Data extracted from a collection:
_____
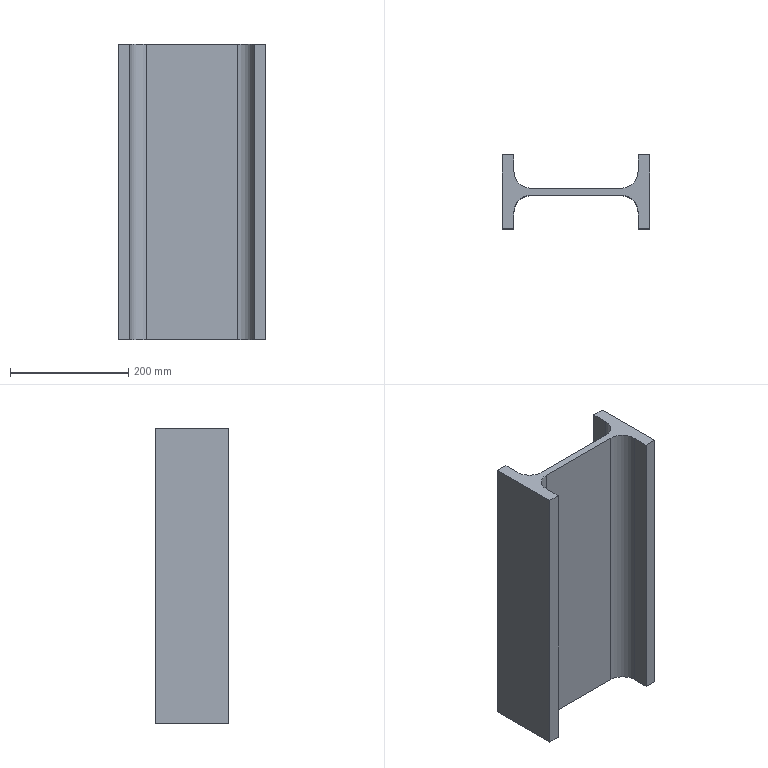Component | SolidWorks | Corbel-3 | 1 solid | 18 faces | box 250 x 125 x 500 mm | volume 4096496 mm3 | plane 14 | cylinder 4 | commonest cylinder face diameters 56 x4
build123d program:
from build123d import *

# Parameters (mm, degrees)
H_BEAM_HM600_300B_1_DEPTH = 500


with BuildPart() as part:
    # Sketch1 → H-Beam HM600_300B_1 (new body)
    with BuildSketch(Plane.YZ):
        with BuildLine():
            Line((-62.5, -125), (-62.5, -105))
            Line((-62.5, -105), (-34, -105))
            ThreePointArc((-34, -105), (-14.201, -96.799), (-6, -77))
            Line((-6, -77), (-6, 77))
            ThreePointArc((-6, 77), (-14.201, 96.799), (-34, 105))
            Line((-34, 105), (-62.5, 105))
            Line((-62.5, 105), (-62.5, 125))
            Line((-62.5, 125), (62.5, 125))
            Line((62.5, 125), (62.5, 105))
            Line((62.5, 105), (34, 105))
            ThreePointArc((34, 105), (14.201, 96.799), (6, 77))
            Line((6, 77), (6, -77))
            ThreePointArc((6, -77), (14.201, -96.799), (34, -105))
            Line((34, -105), (62.5, -105))
            Line((62.5, -105), (62.5, -125))
            Line((62.5, -125), (-62.5, -125))
        make_face()
    extrude(amount=H_BEAM_HM600_300B_1_DEPTH)


solid = part.part

# Placed as in the assembly
solid = solid.moved(Location((1694.926, -11132.346, 352.321), (0, 90, 0)))
STEP:
#1=COLOUR_RGB('',0.7922,0.8196,0.9333);
#2=FILL_AREA_STYLE_COLOUR('',#1);
#3=FILL_AREA_STYLE('',(#2));
#4=SURFACE_STYLE_FILL_AREA(#3);
#5=SURFACE_SIDE_STYLE('',(#4));
#6=SURFACE_STYLE_USAGE(.BOTH.,#5);
#7=PRESENTATION_STYLE_ASSIGNMENT((#6));
#8=CARTESIAN_POINT('',(71.651,-440.742,-5.814));
#9=VERTEX_POINT('',#8);
#10=CARTESIAN_POINT('',(71.651,-435.821,-5.814));
#11=VERTEX_POINT('',#10);
#12=CARTESIAN_POINT('',(71.651,-435.821,-5.814));
#13=DIRECTION('',(-0.,1.,-0.));
#14=VECTOR('',#13,39.37);
#15=LINE('',#12,#14);
#16=EDGE_CURVE('',#9,#11,#15,.T.);
#17=ORIENTED_EDGE('',*,*,#16,.T.);
#18=CARTESIAN_POINT('',(71.651,-435.821,13.871));
#19=VERTEX_POINT('',#18);
#20=CARTESIAN_POINT('',(71.651,-435.821,13.871));
#21=DIRECTION('',(-0.,-0.,-1.));
#22=VECTOR('',#21,39.37);
#23=LINE('',#20,#22);
#24=EDGE_CURVE('',#19,#11,#23,.T.);
#25=ORIENTED_EDGE('',*,*,#24,.F.);
#26=CARTESIAN_POINT('',(71.651,-440.742,13.871));
#27=VERTEX_POINT('',#26);
#28=CARTESIAN_POINT('',(71.651,-435.821,13.871));
#29=DIRECTION('',(-0.,1.,-0.));
#30=VECTOR('',#29,39.37);
#31=LINE('',#28,#30);
#32=EDGE_CURVE('',#27,#19,#31,.T.);
#33=ORIENTED_EDGE('',*,*,#32,.F.);
#34=CARTESIAN_POINT('',(71.651,-440.742,13.871));
#35=DIRECTION('',(-0.,-0.,-1.));
#36=VECTOR('',#35,39.37);
#37=LINE('',#34,#36);
#38=EDGE_CURVE('',#27,#9,#37,.T.);
#39=ORIENTED_EDGE('',*,*,#38,.T.);
#40=EDGE_LOOP('',(#17,#25,#33,#39));
#41=FACE_OUTER_BOUND('',#40,.T.);
#42=CARTESIAN_POINT('',(71.651,-435.821,13.871));
#43=DIRECTION('',(-1.,-0.,0.));
#44=DIRECTION('',(0.,0.,1.));
#45=AXIS2_PLACEMENT_3D('',#42,#43,#44);
#46=PLANE('',#45);
#47=ADVANCED_FACE('',(#41),#46,.F.);
#48=CARTESIAN_POINT('',(70.863,-435.821,-5.814));
#49=VERTEX_POINT('',#48);
#50=CARTESIAN_POINT('',(70.863,-435.821,-5.814));
#51=DIRECTION('',(-1.,-0.,0.));
#52=VECTOR('',#51,39.37);
#53=LINE('',#50,#52);
#54=EDGE_CURVE('',#11,#49,#53,.T.);
#55=ORIENTED_EDGE('',*,*,#54,.T.);
#56=CARTESIAN_POINT('',(70.863,-435.821,13.871));
#57=VERTEX_POINT('',#56);
#58=CARTESIAN_POINT('',(70.863,-435.821,13.871));
#59=DIRECTION('',(-0.,-0.,-1.));
#60=VECTOR('',#59,39.37);
#61=LINE('',#58,#60);
#62=EDGE_CURVE('',#57,#49,#61,.T.);
#63=ORIENTED_EDGE('',*,*,#62,.F.);
#64=CARTESIAN_POINT('',(70.863,-435.821,13.871));
#65=DIRECTION('',(-1.,-0.,0.));
#66=VECTOR('',#65,39.37);
#67=LINE('',#64,#66);
#68=EDGE_CURVE('',#19,#57,#67,.T.);
#69=ORIENTED_EDGE('',*,*,#68,.F.);
#70=ORIENTED_EDGE('',*,*,#24,.T.);
#71=EDGE_LOOP('',(#55,#63,#69,#70));
#72=FACE_OUTER_BOUND('',#71,.T.);
#73=CARTESIAN_POINT('',(70.863,-435.821,13.871));
#74=DIRECTION('',(0.,-1.,0.));
#75=DIRECTION('',(1.,0.,-0.));
#76=AXIS2_PLACEMENT_3D('',#73,#74,#75);
#77=PLANE('',#76);
#78=ADVANCED_FACE('',(#72),#77,.F.);
#79=CARTESIAN_POINT('',(70.863,-436.943,-5.814));
#80=VERTEX_POINT('',#79);
#81=CARTESIAN_POINT('',(70.863,-435.821,-5.814));
#82=DIRECTION('',(-0.,-1.,0.));
#83=VECTOR('',#82,39.37);
#84=LINE('',#81,#83);
#85=EDGE_CURVE('',#49,#80,#84,.T.);
#86=ORIENTED_EDGE('',*,*,#85,.T.);
#87=CARTESIAN_POINT('',(70.863,-436.943,13.871));
#88=VERTEX_POINT('',#87);
#89=CARTESIAN_POINT('',(70.863,-436.943,13.871));
#90=DIRECTION('',(-0.,-0.,-1.));
#91=VECTOR('',#90,39.37);
#92=LINE('',#89,#91);
#93=EDGE_CURVE('',#88,#80,#92,.T.);
#94=ORIENTED_EDGE('',*,*,#93,.F.);
#95=CARTESIAN_POINT('',(70.863,-435.821,13.871));
#96=DIRECTION('',(-0.,-1.,0.));
#97=VECTOR('',#96,39.37);
#98=LINE('',#95,#97);
#99=EDGE_CURVE('',#57,#88,#98,.T.);
#100=ORIENTED_EDGE('',*,*,#99,.F.);
#101=ORIENTED_EDGE('',*,*,#62,.T.);
#102=EDGE_LOOP('',(#86,#94,#100,#101));
#103=FACE_OUTER_BOUND('',#102,.T.);
#104=CARTESIAN_POINT('',(70.863,-435.821,13.871));
#105=DIRECTION('',(1.,-0.,-0.));
#106=DIRECTION('',(0.,1.,-0.));
#107=AXIS2_PLACEMENT_3D('',#104,#105,#106);
#108=PLANE('',#107);
#109=ADVANCED_FACE('',(#103),#108,.F.);
#110=CARTESIAN_POINT('',(69.761,-438.045,-5.814));
#111=VERTEX_POINT('',#110);
#112=CARTESIAN_POINT('',(69.761,-436.943,-5.814));
#113=DIRECTION('',(-0.,-0.,-1.));
#114=DIRECTION('',(-1.,0.,0.));
#115=AXIS2_PLACEMENT_3D('',#112,#113,#114);
#116=CIRCLE('',#115,1.102);
#117=EDGE_CURVE('',#80,#111,#116,.T.);
#118=ORIENTED_EDGE('',*,*,#117,.T.);
#119=CARTESIAN_POINT('',(69.761,-438.045,13.871));
#120=VERTEX_POINT('',#119);
#121=CARTESIAN_POINT('',(69.761,-438.045,13.871));
#122=DIRECTION('',(-0.,-0.,-1.));
#123=VECTOR('',#122,39.37);
#124=LINE('',#121,#123);
#125=EDGE_CURVE('',#120,#111,#124,.T.);
#126=ORIENTED_EDGE('',*,*,#125,.F.);
#127=CARTESIAN_POINT('',(69.761,-436.943,13.871));
#128=DIRECTION('',(-0.,-0.,-1.));
#129=DIRECTION('',(-1.,0.,0.));
#130=AXIS2_PLACEMENT_3D('',#127,#128,#129);
#131=CIRCLE('',#130,1.102);
#132=EDGE_CURVE('',#88,#120,#131,.T.);
#133=ORIENTED_EDGE('',*,*,#132,.F.);
#134=ORIENTED_EDGE('',*,*,#93,.T.);
#135=EDGE_LOOP('',(#118,#126,#133,#134));
#136=FACE_OUTER_BOUND('',#135,.T.);
#137=CARTESIAN_POINT('',(69.761,-436.943,13.871));
#138=DIRECTION('',(-0.,-0.,-1.));
#139=DIRECTION('',(-1.,0.,0.));
#140=AXIS2_PLACEMENT_3D('',#137,#138,#139);
#141=CYLINDRICAL_SURFACE('',#140,1.102);
#142=ADVANCED_FACE('',(#136),#141,.F.);
#143=CARTESIAN_POINT('',(63.698,-438.045,-5.814));
#144=VERTEX_POINT('',#143);
#145=CARTESIAN_POINT('',(63.698,-438.045,-5.814));
#146=DIRECTION('',(-1.,-0.,0.));
#147=VECTOR('',#146,39.37);
#148=LINE('',#145,#147);
#149=EDGE_CURVE('',#111,#144,#148,.T.);
#150=ORIENTED_EDGE('',*,*,#149,.T.);
#151=CARTESIAN_POINT('',(63.698,-438.045,13.871));
#152=VERTEX_POINT('',#151);
#153=CARTESIAN_POINT('',(63.698,-438.045,13.871));
#154=DIRECTION('',(-0.,-0.,-1.));
#155=VECTOR('',#154,39.37);
#156=LINE('',#153,#155);
#157=EDGE_CURVE('',#152,#144,#156,.T.);
#158=ORIENTED_EDGE('',*,*,#157,.F.);
#159=CARTESIAN_POINT('',(63.698,-438.045,13.871));
#160=DIRECTION('',(-1.,-0.,0.));
#161=VECTOR('',#160,39.37);
#162=LINE('',#159,#161);
#163=EDGE_CURVE('',#120,#152,#162,.T.);
#164=ORIENTED_EDGE('',*,*,#163,.F.);
#165=ORIENTED_EDGE('',*,*,#125,.T.);
#166=EDGE_LOOP('',(#150,#158,#164,#165));
#167=FACE_OUTER_BOUND('',#166,.T.);
#168=CARTESIAN_POINT('',(63.698,-438.045,13.871));
#169=DIRECTION('',(0.,-1.,0.));
#170=DIRECTION('',(1.,0.,-0.));
#171=AXIS2_PLACEMENT_3D('',#168,#169,#170);
#172=PLANE('',#171);
#173=ADVANCED_FACE('',(#167),#172,.F.);
#174=CARTESIAN_POINT('',(62.596,-436.943,-5.814));
#175=VERTEX_POINT('',#174);
#176=CARTESIAN_POINT('',(63.698,-436.943,-5.814));
#177=DIRECTION('',(-0.,-0.,-1.));
#178=DIRECTION('',(-1.,0.,0.));
#179=AXIS2_PLACEMENT_3D('',#176,#177,#178);
#180=CIRCLE('',#179,1.102);
#181=EDGE_CURVE('',#144,#175,#180,.T.);
#182=ORIENTED_EDGE('',*,*,#181,.T.);
#183=CARTESIAN_POINT('',(62.596,-436.943,13.871));
#184=VERTEX_POINT('',#183);
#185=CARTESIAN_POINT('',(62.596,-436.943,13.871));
_____
Leave out every line above except those from the line with "#103=FACE_OUTER_BOUND('',#102,.T.);" up to and including the line with "#109=ADVANCED_FACE('',(#103),#108,.F.);", and copy those exactly.

#103=FACE_OUTER_BOUND('',#102,.T.);
#104=CARTESIAN_POINT('',(70.863,-435.821,13.871));
#105=DIRECTION('',(1.,-0.,-0.));
#106=DIRECTION('',(0.,1.,-0.));
#107=AXIS2_PLACEMENT_3D('',#104,#105,#106);
#108=PLANE('',#107);
#109=ADVANCED_FACE('',(#103),#108,.F.);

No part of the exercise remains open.